'''
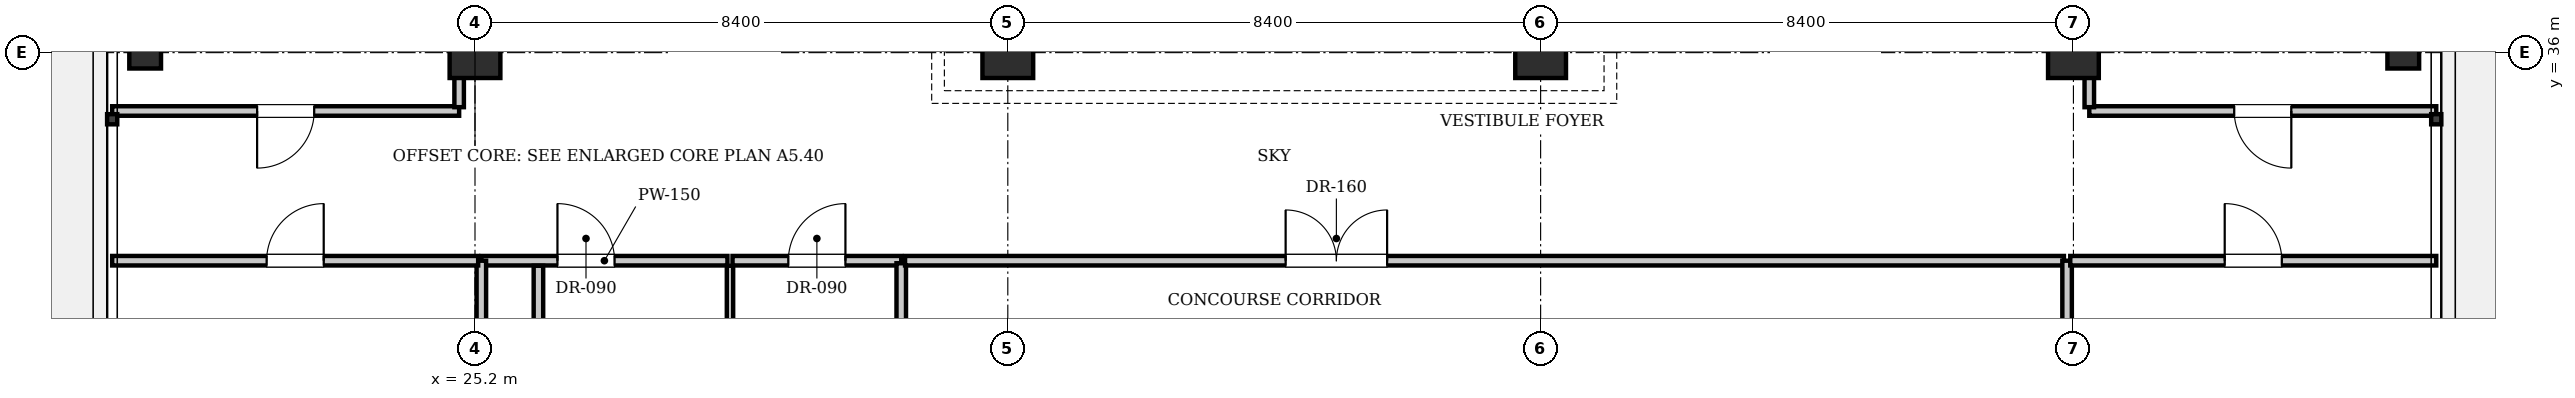
"""IFC4 building model, lengths in metres.
Left out: names, types, materials, properties, quantities, classifications, styles, units other than length and angle.
Written with IfcOpenShell. Run it as: python <this file> out.ifc"""

import sys

from ifc_helpers import new_model, si_unit, direction, frame, frame_2d, origin, origin_2d, place, context, subcontext, project, spatial, rectangle, i_section, extrude, element, fill, save


model = new_model("IFC4")
c1 = context("Model", 3, precision=1e-05, world=origin(), true_north=direction((0.0, 1.0)))
c2 = subcontext(c1, "Body", "Model", "MODEL_VIEW")
j1 = project(units=[si_unit("LENGTHUNIT", "METRE"), si_unit("PLANEANGLEUNIT", "RADIAN")], contexts=[c1])
p1 = place(None, origin())
s1 = spatial("IfcSite", under=j1, at=p1, CompositionType="ELEMENT")
p2 = place(p1, origin())
s2 = spatial("IfcBuilding", under=s1, at=p2, CompositionType="ELEMENT")
p3 = place(p2, frame((0.0, 0.0, 354.2)))
s3 = spatial("IfcBuildingStorey", under=s2, at=p3, CompositionType="ELEMENT", Elevation=354.2)
for number, where, z_axis, x_axis in (
    (1, (25.2, 36.0, 0.0), (0.0, 0.0, 1.0), (1.0, 0.0, 0.0)),
    (2, (33.6, 36.0, 0.0), (0.0, 0.0, 1.0), (1.0, 0.0, 0.0)),
    (3, (42.0, 36.0, 0.0), (0.0, 0.0, 1.0), (1.0, 0.0, 0.0)),
    (4, (50.4, 36.0, 0.0), (0.0, 0.0, 1.0), (1.0, 0.0, 0.0)),
):
    element("IfcColumn", number, at=place(p3, frame(where, z_axis=z_axis, x_axis=x_axis)), inside=s3, PredefinedType="COLUMN", context=c2, shape_type="SweptSolid", body=[
        extrude(rectangle(XDim=0.8, YDim=0.8, at=origin_2d()), origin(), (0.0, 0.0, 1.0), 4.9),
    ])
for number, where, z_axis, x_axis in (
    (5, (20.0, 36.0, -0.26), (0.0, 0.0, 1.0), (1.0, 0.0, 0.0)),
    (6, (55.6, 36.0, -0.26), (0.0, 0.0, 1.0), (1.0, 0.0, 0.0)),
):
    element("IfcColumn", number, at=place(p3, frame(where, z_axis=z_axis, x_axis=x_axis)), inside=s3, PredefinedType="COLUMN", context=c2, shape_type="SweptSolid", body=[
        extrude(i_section(OverallWidth=0.5, OverallDepth=0.5, WebThickness=0.022, FlangeThickness=0.032, at=origin_2d()), origin(), (0.0, 0.0, 1.0), 5.16),
    ])
p4 = place(p3, frame((25.3, 32.72, 0.0), z_axis=(0.0, 0.0, 1.0), x_axis=(1.0, 0.0, 0.0)))
e7 = element("IfcWall", 7, at=p4, inside=s3, PredefinedType="PARTITIONING", context=c2, shape_type="SweptSolid", body=[
    extrude(rectangle(XDim=3.88, YDim=0.15, at=frame_2d((1.94, 0.0))), origin(), (0.0, 0.0, 1.0), 4.64),
])
p5 = place(p4, frame((1.2, 0.0, 0.0)))
e8 = element("IfcOpeningElement", 8, at=p5, cuts=e7, PredefinedType="OPENING", context=c2, shape_type="SweptSolid", body=[
    extrude(rectangle(XDim=0.9, YDim=2.1, at=frame_2d((0.45, 1.05))), frame((0.0, 0.085, 0.0), z_axis=(0.0, -1.0, 0.0), x_axis=(1.0, 0.0, 0.0)), (0.0, 0.0, 1.0), 0.17),
])
p6 = place(p3, frame((29.26, 32.72, 0.0), z_axis=(0.0, 0.0, 1.0), x_axis=(1.0, 0.0, 0.0)))
e9 = element("IfcWall", 9, at=p6, inside=s3, PredefinedType="PARTITIONING", context=c2, shape_type="SweptSolid", body=[
    extrude(rectangle(XDim=2.66, YDim=0.15, at=frame_2d((1.33, 0.0))), origin(), (0.0, 0.0, 1.0), 4.64),
])
p7 = place(p6, frame((0.88, 0.0, 0.0)))
e10 = element("IfcOpeningElement", 10, at=p7, cuts=e9, PredefinedType="OPENING", context=c2, shape_type="SweptSolid", body=[
    extrude(rectangle(XDim=0.9, YDim=2.1, at=frame_2d((0.45, 1.05))), frame((0.0, 0.085, 0.0), z_axis=(0.0, -1.0, 0.0), x_axis=(1.0, 0.0, 0.0)), (0.0, 0.0, 1.0), 0.17),
])
p8 = place(p3, frame((26.2, 29.46, 0.0), z_axis=(0.0, 0.0, 1.0), x_axis=(0.0, 1.0, 0.0)))
e11 = element("IfcWall", 11, at=p8, inside=s3, PredefinedType="PARTITIONING", context=c2, shape_type="SweptSolid", body=[
    extrude(rectangle(XDim=3.18, YDim=0.15, at=frame_2d((1.59, 0.0))), origin(), (0.0, 0.0, 1.0), 4.64),
])
p9 = place(p3, frame((29.22, 29.46, 0.0), z_axis=(0.0, 0.0, 1.0), x_axis=(0.0, 1.0, 0.0)))
e12 = element("IfcWall", 12, at=p9, inside=s3, PredefinedType="PARTITIONING", context=c2, shape_type="SweptSolid", body=[
    extrude(rectangle(XDim=3.18, YDim=0.1, at=frame_2d((1.59, 0.0))), origin(), (0.0, 0.0, 1.0), 4.64),
])
p10 = place(p3, frame((31.92, 29.46, 0.0), z_axis=(0.0, 0.0, 1.0), x_axis=(0.0, 1.0, 0.0)))
e13 = element("IfcWall", 13, at=p10, inside=s3, PredefinedType="PARTITIONING", context=c2, shape_type="SweptSolid", body=[
    extrude(rectangle(XDim=3.22, YDim=0.15, at=frame_2d((1.61, 0.0))), origin(), (0.0, 0.0, 1.0), 4.64),
])
p11 = place(p3, frame((31.98, 32.72, 0.0), z_axis=(0.0, 0.0, 1.0), x_axis=(1.0, 0.0, 0.0)))
e14 = element("IfcWall", 14, at=p11, inside=s3, PredefinedType="PARTITIONING", context=c2, shape_type="SweptSolid", body=[
    extrude(rectangle(XDim=18.27, YDim=0.15, at=frame_2d((9.135, 0.0))), origin(), (0.0, 0.0, 1.0), 4.64),
])
p12 = place(p11, frame((6.0, 0.0, 0.0)))
e15 = element("IfcOpeningElement", 15, at=p12, cuts=e14, PredefinedType="OPENING", context=c2, shape_type="SweptSolid", body=[
    extrude(rectangle(XDim=1.6, YDim=2.3, at=frame_2d((0.8, 1.15))), frame((0.0, 0.085, 0.0), z_axis=(0.0, -1.0, 0.0), x_axis=(1.0, 0.0, 0.0)), (0.0, 0.0, 1.0), 0.17),
])
for number, where, z_axis, x_axis in (
    (16, (25.3, 17.28, 0.0), (0.0, 0.0, 1.0), (0.0, 1.0, 0.0)),
    (17, (50.3, 17.28, 0.0), (0.0, 0.0, 1.0), (0.0, 1.0, 0.0)),
):
    element("IfcWall", number, at=place(p3, frame(where, z_axis=z_axis, x_axis=x_axis)), inside=s3, PredefinedType="PARTITIONING", context=c2, shape_type="SweptSolid", body=[
        extrude(rectangle(XDim=15.44, YDim=0.15, at=frame_2d((7.72, 0.0))), origin(), (0.0, 0.0, 1.0), 4.177),
    ])
p13 = place(p3, frame((19.48, 32.72, 0.0), z_axis=(0.0, 0.0, 1.0), x_axis=(1.0, 0.0, 0.0)))
e18 = element("IfcWall", 18, at=p13, inside=s3, PredefinedType="PARTITIONING", context=c2, shape_type="SweptSolid", body=[
    extrude(rectangle(XDim=5.77, YDim=0.15, at=frame_2d((2.885, 0.0))), origin(), (0.0, 0.0, 1.0), 4.64),
])
p14 = place(p13, frame((2.435, 0.0, 0.0)))
e19 = element("IfcOpeningElement", 19, at=p14, cuts=e18, PredefinedType="OPENING", context=c2, shape_type="SweptSolid", body=[
    extrude(rectangle(XDim=0.9, YDim=2.1, at=frame_2d((0.45, 1.05))), frame((0.0, 0.085, 0.0), z_axis=(0.0, -1.0, 0.0), x_axis=(1.0, 0.0, 0.0)), (0.0, 0.0, 1.0), 0.17),
])
p15 = place(p3, frame((50.35, 32.72, 0.0), z_axis=(0.0, 0.0, 1.0), x_axis=(1.0, 0.0, 0.0)))
e20 = element("IfcWall", 20, at=p15, inside=s3, PredefinedType="PARTITIONING", context=c2, shape_type="SweptSolid", body=[
    extrude(rectangle(XDim=5.77, YDim=0.15, at=frame_2d((2.885, 0.0))), origin(), (0.0, 0.0, 1.0), 4.64),
])
p16 = place(p15, frame((2.435, 0.0, 0.0)))
e21 = element("IfcOpeningElement", 21, at=p16, cuts=e20, PredefinedType="OPENING", context=c2, shape_type="SweptSolid", body=[
    extrude(rectangle(XDim=0.9, YDim=2.1, at=frame_2d((0.45, 1.05))), frame((0.0, 0.085, 0.0), z_axis=(0.0, -1.0, 0.0), x_axis=(1.0, 0.0, 0.0)), (0.0, 0.0, 1.0), 0.17),
])
p17 = place(p3, frame((19.48, 35.08, 0.0), z_axis=(0.0, 0.0, 1.0), x_axis=(1.0, 0.0, 0.0)))
e22 = element("IfcWall", 22, at=p17, inside=s3, PredefinedType="PARTITIONING", context=c2, shape_type="SweptSolid", body=[
    extrude(rectangle(XDim=5.47, YDim=0.15, at=frame_2d((2.735, 0.0))), origin(), (0.0, 0.0, 1.0), 4.64),
])
p18 = place(p17, frame((2.285, 0.0, 0.0)))
e23 = element("IfcOpeningElement", 23, at=p18, cuts=e22, PredefinedType="OPENING", context=c2, shape_type="SweptSolid", body=[
    extrude(rectangle(XDim=0.9, YDim=2.1, at=frame_2d((0.45, 1.05))), frame((0.0, 0.085, 0.0), z_axis=(0.0, -1.0, 0.0), x_axis=(1.0, 0.0, 0.0)), (0.0, 0.0, 1.0), 0.17),
])
p19 = place(p3, frame((24.95, 35.14, 0.0), z_axis=(0.0, 0.0, 1.0), x_axis=(0.0, 1.0, 0.0)))
e24 = element("IfcWall", 24, at=p19, inside=s3, PredefinedType="PARTITIONING", context=c2, shape_type="SweptSolid", body=[
    extrude(rectangle(XDim=18.78, YDim=0.15, at=frame_2d((9.39, 0.0))), origin(), (0.0, 0.0, 1.0), 4.64),
])
p20 = place(p3, frame((50.65, 35.08, 0.0), z_axis=(0.0, 0.0, 1.0), x_axis=(1.0, 0.0, 0.0)))
e25 = element("IfcWall", 25, at=p20, inside=s3, PredefinedType="PARTITIONING", context=c2, shape_type="SweptSolid", body=[
    extrude(rectangle(XDim=5.47, YDim=0.15, at=frame_2d((2.735, 0.0))), origin(), (0.0, 0.0, 1.0), 4.64),
])
p21 = place(p20, frame((2.285, 0.0, 0.0)))
e26 = element("IfcOpeningElement", 26, at=p21, cuts=e25, PredefinedType="OPENING", context=c2, shape_type="SweptSolid", body=[
    extrude(rectangle(XDim=0.9, YDim=2.1, at=frame_2d((0.45, 1.05))), frame((0.0, 0.085, 0.0), z_axis=(0.0, -1.0, 0.0), x_axis=(1.0, 0.0, 0.0)), (0.0, 0.0, 1.0), 0.17),
])
p22 = place(p3, frame((50.65, 35.14, 0.0), z_axis=(0.0, 0.0, 1.0), x_axis=(0.0, 1.0, 0.0)))
e27 = element("IfcWall", 27, at=p22, inside=s3, PredefinedType="PARTITIONING", context=c2, shape_type="SweptSolid", body=[
    extrude(rectangle(XDim=18.78, YDim=0.15, at=frame_2d((9.39, 0.0))), origin(), (0.0, 0.0, 1.0), 4.64),
])
p23 = place(p5, origin())
e28 = element("IfcDoor", 28, at=p23, inside=s3, OperationType="SINGLE_SWING_LEFT", PredefinedType="DOOR", context=c2, shape_type="SweptSolid", body=[
    extrude(rectangle(XDim=0.9, YDim=2.1, at=frame_2d((0.45, 1.05))), frame((0.0, 0.025, 0.0), z_axis=(0.0, -1.0, 0.0), x_axis=(1.0, 0.0, 0.0)), (0.0, 0.0, 1.0), 0.05),
])
fill(e8, e28)
p24 = place(p7, origin())
e29 = element("IfcDoor", 29, at=p24, inside=s3, OperationType="SINGLE_SWING_RIGHT", PredefinedType="DOOR", context=c2, shape_type="SweptSolid", body=[
    extrude(rectangle(XDim=0.9, YDim=2.1, at=frame_2d((0.45, 1.05))), frame((0.0, 0.025, 0.0), z_axis=(0.0, -1.0, 0.0), x_axis=(1.0, 0.0, 0.0)), (0.0, 0.0, 1.0), 0.05),
])
fill(e10, e29)
p25 = place(p12, origin())
e30 = element("IfcDoor", 30, at=p25, inside=s3, OperationType="DOUBLE_DOOR_SINGLE_SWING", PredefinedType="DOOR", context=c2, shape_type="SweptSolid", body=[
    extrude(rectangle(XDim=1.6, YDim=2.3, at=frame_2d((0.8, 1.15))), frame((0.0, 0.025, 0.0), z_axis=(0.0, -1.0, 0.0), x_axis=(1.0, 0.0, 0.0)), (0.0, 0.0, 1.0), 0.05),
])
fill(e15, e30)
p26 = place(p14, origin())
e31 = element("IfcDoor", 31, at=p26, inside=s3, OperationType="SINGLE_SWING_RIGHT", PredefinedType="DOOR", context=c2, shape_type="SweptSolid", body=[
    extrude(rectangle(XDim=0.9, YDim=2.1, at=frame_2d((0.45, 1.05))), frame((0.0, 0.025, 0.0), z_axis=(0.0, -1.0, 0.0), x_axis=(1.0, 0.0, 0.0)), (0.0, 0.0, 1.0), 0.05),
])
fill(e19, e31)
p27 = place(p16, origin())
e32 = element("IfcDoor", 32, at=p27, inside=s3, OperationType="SINGLE_SWING_LEFT", PredefinedType="DOOR", context=c2, shape_type="SweptSolid", body=[
    extrude(rectangle(XDim=0.9, YDim=2.1, at=frame_2d((0.45, 1.05))), frame((0.0, 0.025, 0.0), z_axis=(0.0, -1.0, 0.0), x_axis=(1.0, 0.0, 0.0)), (0.0, 0.0, 1.0), 0.05),
])
fill(e21, e32)
p28 = place(p18, frame((0.9, 0.0, 0.0), z_axis=(0.0, 0.0, 1.0), x_axis=(-1.0, 0.0, 0.0)))
e33 = element("IfcDoor", 33, at=p28, inside=s3, OperationType="SINGLE_SWING_RIGHT", PredefinedType="DOOR", context=c2, shape_type="SweptSolid", body=[
    extrude(rectangle(XDim=0.9, YDim=2.1, at=frame_2d((0.45, 1.05))), frame((0.0, 0.025, 0.0), z_axis=(0.0, -1.0, 0.0), x_axis=(1.0, 0.0, 0.0)), (0.0, 0.0, 1.0), 0.05),
])
fill(e23, e33)
p29 = place(p21, frame((0.9, 0.0, 0.0), z_axis=(0.0, 0.0, 1.0), x_axis=(-1.0, 0.0, 0.0)))
e34 = element("IfcDoor", 34, at=p29, inside=s3, OperationType="SINGLE_SWING_LEFT", PredefinedType="DOOR", context=c2, shape_type="SweptSolid", body=[
    extrude(rectangle(XDim=0.9, YDim=2.1, at=frame_2d((0.45, 1.05))), frame((0.0, 0.025, 0.0), z_axis=(0.0, -1.0, 0.0), x_axis=(1.0, 0.0, 0.0)), (0.0, 0.0, 1.0), 0.05),
])
fill(e26, e34)
save(model, sys.argv[1])
'''
Go through the records above and copy each line where "DOOR" is found.

e28 = element("IfcDoor", 28, at=p23, inside=s3, OperationType="SINGLE_SWING_LEFT", PredefinedType="DOOR", context=c2, shape_type="SweptSolid", body=[
e29 = element("IfcDoor", 29, at=p24, inside=s3, OperationType="SINGLE_SWING_RIGHT", PredefinedType="DOOR", context=c2, shape_type="SweptSolid", body=[
e30 = element("IfcDoor", 30, at=p25, inside=s3, OperationType="DOUBLE_DOOR_SINGLE_SWING", PredefinedType="DOOR", context=c2, shape_type="SweptSolid", body=[
e31 = element("IfcDoor", 31, at=p26, inside=s3, OperationType="SINGLE_SWING_RIGHT", PredefinedType="DOOR", context=c2, shape_type="SweptSolid", body=[
e32 = element("IfcDoor", 32, at=p27, inside=s3, OperationType="SINGLE_SWING_LEFT", PredefinedType="DOOR", context=c2, shape_type="SweptSolid", body=[
e33 = element("IfcDoor", 33, at=p28, inside=s3, OperationType="SINGLE_SWING_RIGHT", PredefinedType="DOOR", context=c2, shape_type="SweptSolid", body=[
e34 = element("IfcDoor", 34, at=p29, inside=s3, OperationType="SINGLE_SWING_LEFT", PredefinedType="DOOR", context=c2, shape_type="SweptSolid", body=[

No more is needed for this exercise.